==== Recorded data

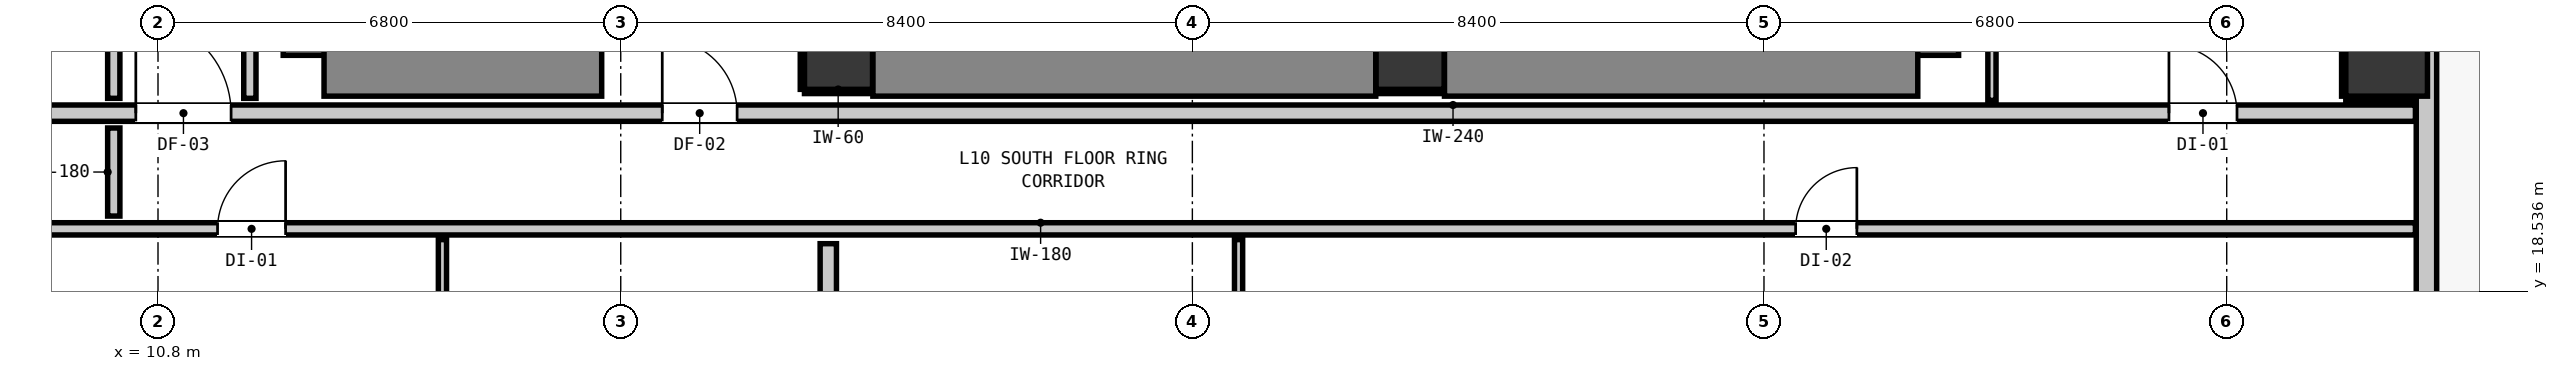
"""IFC4 building model, lengths in metres.
Left out: names, types, materials, properties, quantities, classifications, styles, units other than length and angle.
Written with IfcOpenShell. Run it as: python <this file> out.ifc"""

import sys

from ifc_helpers import new_model, si_unit, direction, frame, frame_2d, origin, origin_2d, place, context, subcontext, project, spatial, rectangle, extrude, element, fill, save


model = new_model("IFC4")
c1 = context("Model", 3, precision=1e-05, world=origin(), true_north=direction((0.0, 1.0)))
c2 = subcontext(c1, "Body", "Model", "MODEL_VIEW")
j1 = project(units=[si_unit("LENGTHUNIT", "METRE"), si_unit("PLANEANGLEUNIT", "RADIAN")], contexts=[c1])
p1 = place(None, origin())
s1 = spatial("IfcSite", under=j1, at=p1, CompositionType="ELEMENT")
p2 = place(p1, origin())
s2 = spatial("IfcBuilding", under=s1, at=p2, CompositionType="ELEMENT")
p3 = place(p2, frame((0.0, 0.0, 38.6)))
s3 = spatial("IfcBuildingStorey", under=s2, at=p3, CompositionType="ELEMENT", Elevation=38.6)
for number, where, z_axis, x_axis in (
    (1, (20.8, 22.0, 0.0), (0.0, 0.0, 1.0), (1.0, 0.0, 0.0)),
    (2, (29.2, 22.0, 0.0), (0.0, 0.0, 1.0), (1.0, 0.0, 0.0)),
):
    element("IfcColumn", number, at=place(p3, frame(where, z_axis=z_axis, x_axis=x_axis)), inside=s3, PredefinedType="COLUMN", context=c2, shape_type="SweptSolid", body=[
        extrude(rectangle(XDim=1.0, YDim=1.0, at=origin_2d()), origin(), (0.0, 0.0, 1.0), 3.32),
    ])
p4 = place(p3, frame((13.24, 22.0, 0.0), z_axis=(0.0, 0.0, 1.0), x_axis=(0.0, 1.0, 0.0)))
e3 = element("IfcWall", 3, at=p4, inside=s3, PredefinedType="SHEAR", context=c2, shape_type="SweptSolid", body=[
    extrude(rectangle(XDim=8.195, YDim=1.2, at=frame_2d((4.098, 0.0))), origin(), (0.0, 0.0, 1.0), 3.32),
])
p5 = place(p3, frame((13.24, 22.0, 0.0), z_axis=(0.0, 0.0, 1.0), x_axis=(1.0, 0.0, 0.0)))
e4 = element("IfcWall", 4, at=p5, inside=s3, PredefinedType="SHEAR", context=c2, shape_type="SweptSolid", body=[
    extrude(rectangle(XDim=4.08, YDim=1.2, at=frame_2d((2.04, 0.0))), origin(), (0.0, 0.0, 1.0), 3.32),
])
p6 = place(p3, frame((36.66, 22.0, 0.0), z_axis=(0.0, 0.0, 1.0), x_axis=(0.0, 1.0, 0.0)))
e5 = element("IfcWall", 5, at=p6, inside=s3, PredefinedType="SHEAR", context=c2, shape_type="SweptSolid", body=[
    extrude(rectangle(XDim=8.195, YDim=1.2, at=frame_2d((4.098, 0.0))), origin(), (0.0, 0.0, 1.0), 3.32),
])
p7 = place(p3, frame((29.705, 22.0, 0.0), z_axis=(0.0, 0.0, 1.0), x_axis=(1.0, 0.0, 0.0)))
e6 = element("IfcWall", 6, at=p7, inside=s3, PredefinedType="SHEAR", context=c2, shape_type="SweptSolid", body=[
    extrude(rectangle(XDim=6.955, YDim=1.2, at=frame_2d((3.478, 0.0))), origin(), (0.0, 0.0, 1.0), 3.32),
])
p8 = place(p3, frame((21.305, 22.0, 0.0), z_axis=(0.0, 0.0, 1.0), x_axis=(1.0, 0.0, 0.0)))
e7 = element("IfcWall", 7, at=p8, inside=s3, PredefinedType="SHEAR", context=c2, shape_type="SweptSolid", body=[
    extrude(rectangle(XDim=7.39, YDim=1.2, at=frame_2d((3.695, 0.0))), origin(), (0.0, 0.0, 1.0), 3.32),
])
p9 = place(p3, frame((43.55, 22.0, 0.0), z_axis=(0.0, 0.0, 1.0), x_axis=(1.0, 0.0, 0.0)))
e8 = element("IfcColumn", 8, at=p9, inside=s3, PredefinedType="COLUMN", context=c2, shape_type="SweptSolid", body=[
    extrude(rectangle(XDim=1.2, YDim=1.2, at=origin_2d()), origin(), (0.0, 0.0, 1.0), 2.9),
])
p10 = place(p3, frame((44.135, 44.835, 0.0), z_axis=(0.0, 0.0, 1.0), x_axis=(0.0, -1.0, 0.0)))
e9 = element("IfcWall", 9, at=p10, inside=s3, PredefinedType="STANDARD", context=c2, shape_type="SweptSolid", body=[
    extrude(rectangle(XDim=34.67, YDim=0.3, at=frame_2d((17.335, 0.0))), origin(), (0.0, 0.0, 1.0), 2.9),
])
p11 = place(p10, frame((1.251, 0.0, 0.0)))
e10 = element("IfcOpeningElement", 10, at=p11, cuts=e9, PredefinedType="OPENING", context=c2, shape_type="SweptSolid", body=[
    extrude(rectangle(XDim=1.0, YDim=2.15, at=frame_2d((0.5, 1.075))), frame((0.0, 0.16, 0.0), z_axis=(0.0, -1.0, 0.0), x_axis=(1.0, 0.0, 0.0)), (0.0, 0.0, 1.0), 0.32),
])
p12 = place(p10, frame((29.508, 0.0, 0.85)))
e11 = element("IfcOpeningElement", 11, at=p12, cuts=e9, PredefinedType="OPENING", context=c2, shape_type="SweptSolid", body=[
    extrude(rectangle(XDim=1.05, YDim=1.65, at=frame_2d((0.525, 0.825))), frame((0.0, 0.16, 0.0), z_axis=(0.0, -1.0, 0.0), x_axis=(1.0, 0.0, 0.0)), (0.0, 0.0, 1.0), 0.32),
])
p13 = place(p10, frame((19.619, 0.0, 0.85)))
e12 = element("IfcOpeningElement", 12, at=p13, cuts=e9, PredefinedType="OPENING", context=c2, shape_type="SweptSolid", body=[
    extrude(rectangle(XDim=1.05, YDim=1.65, at=frame_2d((0.525, 0.825))), frame((0.0, 0.16, 0.0), z_axis=(0.0, -1.0, 0.0), x_axis=(1.0, 0.0, 0.0)), (0.0, 0.0, 1.0), 0.32),
])
p14 = place(p3, frame((1.827, 21.15, 0.0), z_axis=(0.0, 0.0, 1.0), x_axis=(1.0, 0.0, 0.0)))
e13 = element("IfcWall", 13, at=p14, inside=s3, PredefinedType="PARTITIONING", context=c2, shape_type="SweptSolid", body=[
    extrude(rectangle(XDim=42.146, YDim=0.24, at=frame_2d((21.073, 0.0))), origin(), (0.0, 0.0, 1.0), 2.9),
])
p15 = place(p14, frame((16.383, 0.0, 0.0)))
e14 = element("IfcOpeningElement", 14, at=p15, cuts=e13, PredefinedType="OPENING", context=c2, shape_type="SweptSolid", body=[
    extrude(rectangle(XDim=1.1, YDim=2.15, at=frame_2d((0.55, 1.075))), frame((0.0, 0.13, 0.0), z_axis=(0.0, -1.0, 0.0), x_axis=(1.0, 0.0, 0.0)), (0.0, 0.0, 1.0), 0.26),
])
p16 = place(p14, frame((8.647, 0.0, 0.0)))
e15 = element("IfcOpeningElement", 15, at=p16, cuts=e13, PredefinedType="OPENING", context=c2, shape_type="SweptSolid", body=[
    extrude(rectangle(XDim=1.4, YDim=2.15, at=frame_2d((0.7, 1.075))), frame((0.0, 0.13, 0.0), z_axis=(0.0, -1.0, 0.0), x_axis=(1.0, 0.0, 0.0)), (0.0, 0.0, 1.0), 0.26),
])
p17 = place(p14, frame((38.524, 0.0, 0.0)))
e16 = element("IfcOpeningElement", 16, at=p17, cuts=e13, PredefinedType="OPENING", context=c2, shape_type="SweptSolid", body=[
    extrude(rectangle(XDim=1.0, YDim=2.15, at=frame_2d((0.5, 1.075))), frame((0.0, 0.13, 0.0), z_axis=(0.0, -1.0, 0.0), x_axis=(1.0, 0.0, 0.0)), (0.0, 0.0, 1.0), 0.26),
])
p18 = place(p3, frame((1.827, 19.45, 0.0), z_axis=(0.0, 0.0, 1.0), x_axis=(1.0, 0.0, 0.0)))
e17 = element("IfcWall", 17, at=p18, inside=s3, PredefinedType="PARTITIONING", context=c2, shape_type="SweptSolid", body=[
    extrude(rectangle(XDim=42.146, YDim=0.18, at=frame_2d((21.073, 0.0))), origin(), (0.0, 0.0, 1.0), 2.9),
])
p19 = place(p18, frame((9.848, 0.0, 0.0)))
e18 = element("IfcOpeningElement", 18, at=p19, cuts=e17, PredefinedType="OPENING", context=c2, shape_type="SweptSolid", body=[
    extrude(rectangle(XDim=1.0, YDim=2.15, at=frame_2d((0.5, 1.075))), frame((0.0, 0.1, 0.0), z_axis=(0.0, -1.0, 0.0), x_axis=(1.0, 0.0, 0.0)), (0.0, 0.0, 1.0), 0.2),
])
p20 = place(p18, frame((33.038, 0.0, 0.0)))
e19 = element("IfcOpeningElement", 19, at=p20, cuts=e17, PredefinedType="OPENING", context=c2, shape_type="SweptSolid", body=[
    extrude(rectangle(XDim=0.9, YDim=2.1, at=frame_2d((0.45, 1.05))), frame((0.0, 0.1, 0.0), z_axis=(0.0, -1.0, 0.0), x_axis=(1.0, 0.0, 0.0)), (0.0, 0.0, 1.0), 0.2),
])
p21 = place(p3, frame((20.65, 13.198, 0.0), z_axis=(0.0, 0.0, 1.0), x_axis=(0.0, 1.0, 0.0)))
e20 = element("IfcWall", 20, at=p21, inside=s3, PredefinedType="PARTITIONING", context=c2, shape_type="SweptSolid", body=[
    extrude(rectangle(XDim=6.034, YDim=0.24, at=frame_2d((3.017, 0.0))), origin(), (0.0, 0.0, 1.0), 0.905),
])
p22 = place(p3, frame((10.15, 19.638, 0.0), z_axis=(0.0, 0.0, 1.0), x_axis=(0.0, 1.0, 0.0)))
e21 = element("IfcWall", 21, at=p22, inside=s3, PredefinedType="PARTITIONING", context=c2, shape_type="SweptSolid", body=[
    extrude(rectangle(XDim=1.294, YDim=0.18, at=frame_2d((0.647, 0.0))), origin(), (0.0, 0.0, 1.0), 2.9),
])
p23 = place(p3, frame((10.15, 21.368, 0.0), z_axis=(0.0, 0.0, 1.0), x_axis=(0.0, 1.0, 0.0)))
e22 = element("IfcWall", 22, at=p23, inside=s3, PredefinedType="PARTITIONING", context=c2, shape_type="SweptSolid", body=[
    extrude(rectangle(XDim=11.874, YDim=0.18, at=frame_2d((5.937, 0.0))), origin(), (0.0, 0.0, 1.0), 2.9),
])
p24 = place(p23, frame((5.481, 0.0, 0.0)))
e23 = element("IfcOpeningElement", 23, at=p24, cuts=e22, PredefinedType="OPENING", context=c2, shape_type="SweptSolid", body=[
    extrude(rectangle(XDim=0.9, YDim=2.1, at=frame_2d((0.45, 1.05))), frame((0.0, 0.1, 0.0), z_axis=(0.0, -1.0, 0.0), x_axis=(1.0, 0.0, 0.0)), (0.0, 0.0, 1.0), 0.2),
])
p25 = place(p3, frame((12.15, 21.368, 0.0), z_axis=(0.0, 0.0, 1.0), x_axis=(0.0, 1.0, 0.0)))
e24 = element("IfcWall", 24, at=p25, inside=s3, PredefinedType="PARTITIONING", context=c2, shape_type="SweptSolid", body=[
    extrude(rectangle(XDim=18.694, YDim=0.18, at=frame_2d((9.347, 0.0))), origin(), (0.0, 0.0, 1.0), 2.9),
])
p26 = place(p3, frame((14.98, 13.138, 0.0), z_axis=(0.0, 0.0, 1.0), x_axis=(0.0, 1.0, 0.0)))
e25 = element("IfcWall", 25, at=p26, inside=s3, PredefinedType="PARTITIONING", context=c2, shape_type="SweptSolid", body=[
    extrude(rectangle(XDim=6.154, YDim=0.12, at=frame_2d((3.077, 0.0))), origin(), (0.0, 0.0, 1.0), 2.9),
])
p27 = place(p26, frame((2.637, 0.0, 0.0)))
e26 = element("IfcOpeningElement", 26, at=p27, cuts=e25, PredefinedType="OPENING", context=c2, shape_type="SweptSolid", body=[
    extrude(rectangle(XDim=0.9, YDim=2.1, at=frame_2d((0.45, 1.05))), frame((0.0, 0.07, 0.0), z_axis=(0.0, -1.0, 0.0), x_axis=(1.0, 0.0, 0.0)), (0.0, 0.0, 1.0), 0.14),
])
p28 = place(p3, frame((26.679, 13.138, 0.0), z_axis=(0.0, 0.0, 1.0), x_axis=(0.0, 1.0, 0.0)))
e27 = element("IfcWall", 27, at=p28, inside=s3, PredefinedType="PARTITIONING", context=c2, shape_type="SweptSolid", body=[
    extrude(rectangle(XDim=6.154, YDim=0.12, at=frame_2d((3.077, 0.0))), origin(), (0.0, 0.0, 1.0), 2.9),
])
p29 = place(p3, frame((37.75, 21.338, 0.0), z_axis=(0.0, 0.0, 1.0), x_axis=(0.0, 1.0, 0.0)))
e28 = element("IfcWall", 28, at=p29, inside=s3, PredefinedType="PARTITIONING", context=c2, shape_type="SweptSolid", body=[
    extrude(rectangle(XDim=5.316, YDim=0.12, at=frame_2d((2.658, 0.0))), origin(), (0.0, 0.0, 1.0), 2.9),
])
p30 = place(p3, frame((20.3, 21.468, 0.0), z_axis=(0.0, 0.0, 1.0), x_axis=(1.0, 0.0, 0.0)))
e29 = element("IfcWall", 29, at=p30, inside=s3, PredefinedType="PARTITIONING", context=c2, shape_type="SweptSolid", body=[
    extrude(rectangle(XDim=0.99, YDim=0.06, at=frame_2d((0.495, 0.0))), origin(), (0.0, 0.0, 1.0), 0.905),
])
p31 = place(p3, frame((20.268, 21.5, 0.0), z_axis=(0.0, 0.0, 1.0), x_axis=(0.0, 1.0, 0.0)))
e30 = element("IfcWall", 30, at=p31, inside=s3, PredefinedType="PARTITIONING", context=c2, shape_type="SweptSolid", body=[
    extrude(rectangle(XDim=1.0, YDim=0.06, at=frame_2d((0.5, 0.0))), origin(), (0.0, 0.0, 1.0), 0.905),
])
p32 = place(p3, frame((28.71, 21.468, 0.0), z_axis=(0.0, 0.0, 1.0), x_axis=(1.0, 0.0, 0.0)))
e31 = element("IfcWall", 31, at=p32, inside=s3, PredefinedType="PARTITIONING", context=c2, shape_type="SweptSolid", body=[
    extrude(rectangle(XDim=0.98, YDim=0.06, at=frame_2d((0.49, 0.0))), origin(), (0.0, 0.0, 1.0), 0.905),
])
p33 = place(p3, frame((42.95, 21.368, 0.0), z_axis=(0.0, 0.0, 1.0), x_axis=(1.0, 0.0, 0.0)))
e32 = element("IfcWall", 32, at=p33, inside=s3, PredefinedType="PARTITIONING", context=c2, shape_type="SweptSolid", body=[
    extrude(rectangle(XDim=1.02, YDim=0.06, at=frame_2d((0.51, 0.0))), origin(), (0.0, 0.0, 1.0), 0.905),
])
p34 = place(p3, frame((42.918, 21.4, 0.0), z_axis=(0.0, 0.0, 1.0), x_axis=(0.0, 1.0, 0.0)))
e33 = element("IfcWall", 33, at=p34, inside=s3, PredefinedType="PARTITIONING", context=c2, shape_type="SweptSolid", body=[
    extrude(rectangle(XDim=1.2, YDim=0.06, at=frame_2d((0.6, 0.0))), origin(), (0.0, 0.0, 1.0), 1.45),
])
p35 = place(p15, origin())
e34 = element("IfcDoor", 34, at=p35, inside=s3, OperationType="SINGLE_SWING_LEFT", PredefinedType="DOOR", context=c2, shape_type="SweptSolid", body=[
    extrude(rectangle(XDim=1.1, YDim=2.15, at=frame_2d((0.55, 1.075))), frame((0.0, 0.025, 0.0), z_axis=(0.0, -1.0, 0.0), x_axis=(1.0, 0.0, 0.0)), (0.0, 0.0, 1.0), 0.05),
])
fill(e14, e34)
p36 = place(p16, origin())
e35 = element("IfcDoor", 35, at=p36, inside=s3, OperationType="SINGLE_SWING_LEFT", PredefinedType="DOOR", context=c2, shape_type="SweptSolid", body=[
    extrude(rectangle(XDim=1.4, YDim=2.15, at=frame_2d((0.7, 1.075))), frame((0.0, 0.025, 0.0), z_axis=(0.0, -1.0, 0.0), x_axis=(1.0, 0.0, 0.0)), (0.0, 0.0, 1.0), 0.05),
])
fill(e15, e35)
p37 = place(p19, origin())
e36 = element("IfcDoor", 36, at=p37, inside=s3, OperationType="SINGLE_SWING_RIGHT", PredefinedType="DOOR", context=c2, shape_type="SweptSolid", body=[
    extrude(rectangle(XDim=1.0, YDim=2.15, at=frame_2d((0.5, 1.075))), frame((0.0, 0.025, 0.0), z_axis=(0.0, -1.0, 0.0), x_axis=(1.0, 0.0, 0.0)), (0.0, 0.0, 1.0), 0.05),
])
fill(e18, e36)
p38 = place(p20, origin())
e37 = element("IfcDoor", 37, at=p38, inside=s3, OperationType="SINGLE_SWING_RIGHT", PredefinedType="DOOR", context=c2, shape_type="SweptSolid", body=[
    extrude(rectangle(XDim=0.9, YDim=2.1, at=frame_2d((0.45, 1.05))), frame((0.0, 0.025, 0.0), z_axis=(0.0, -1.0, 0.0), x_axis=(1.0, 0.0, 0.0)), (0.0, 0.0, 1.0), 0.05),
])
fill(e19, e37)
p39 = place(p17, origin())
e38 = element("IfcDoor", 38, at=p39, inside=s3, OperationType="SINGLE_SWING_LEFT", PredefinedType="DOOR", context=c2, shape_type="SweptSolid", body=[
    extrude(rectangle(XDim=1.0, YDim=2.15, at=frame_2d((0.5, 1.075))), frame((0.0, 0.025, 0.0), z_axis=(0.0, -1.0, 0.0), x_axis=(1.0, 0.0, 0.0)), (0.0, 0.0, 1.0), 0.05),
])
fill(e16, e38)
save(model, sys.argv[1])

========

# Exercise directions
Starting from the first line of the entries above, print each line exactly until the line containing "world=origin(), true_north=direction((0.0, 1.0)))" has been printed, and skip the pictures.

# Result for this task
"""IFC4 building model, lengths in metres.
Left out: names, types, materials, properties, quantities, classifications, styles, units other than length and angle.
Written with IfcOpenShell. Run it as: python <this file> out.ifc"""

import sys

from ifc_helpers import new_model, si_unit, direction, frame, frame_2d, origin, origin_2d, place, context, subcontext, project, spatial, rectangle, extrude, element, fill, save


model = new_model("IFC4")
c1 = context("Model", 3, precision=1e-05, world=origin(), true_north=direction((0.0, 1.0)))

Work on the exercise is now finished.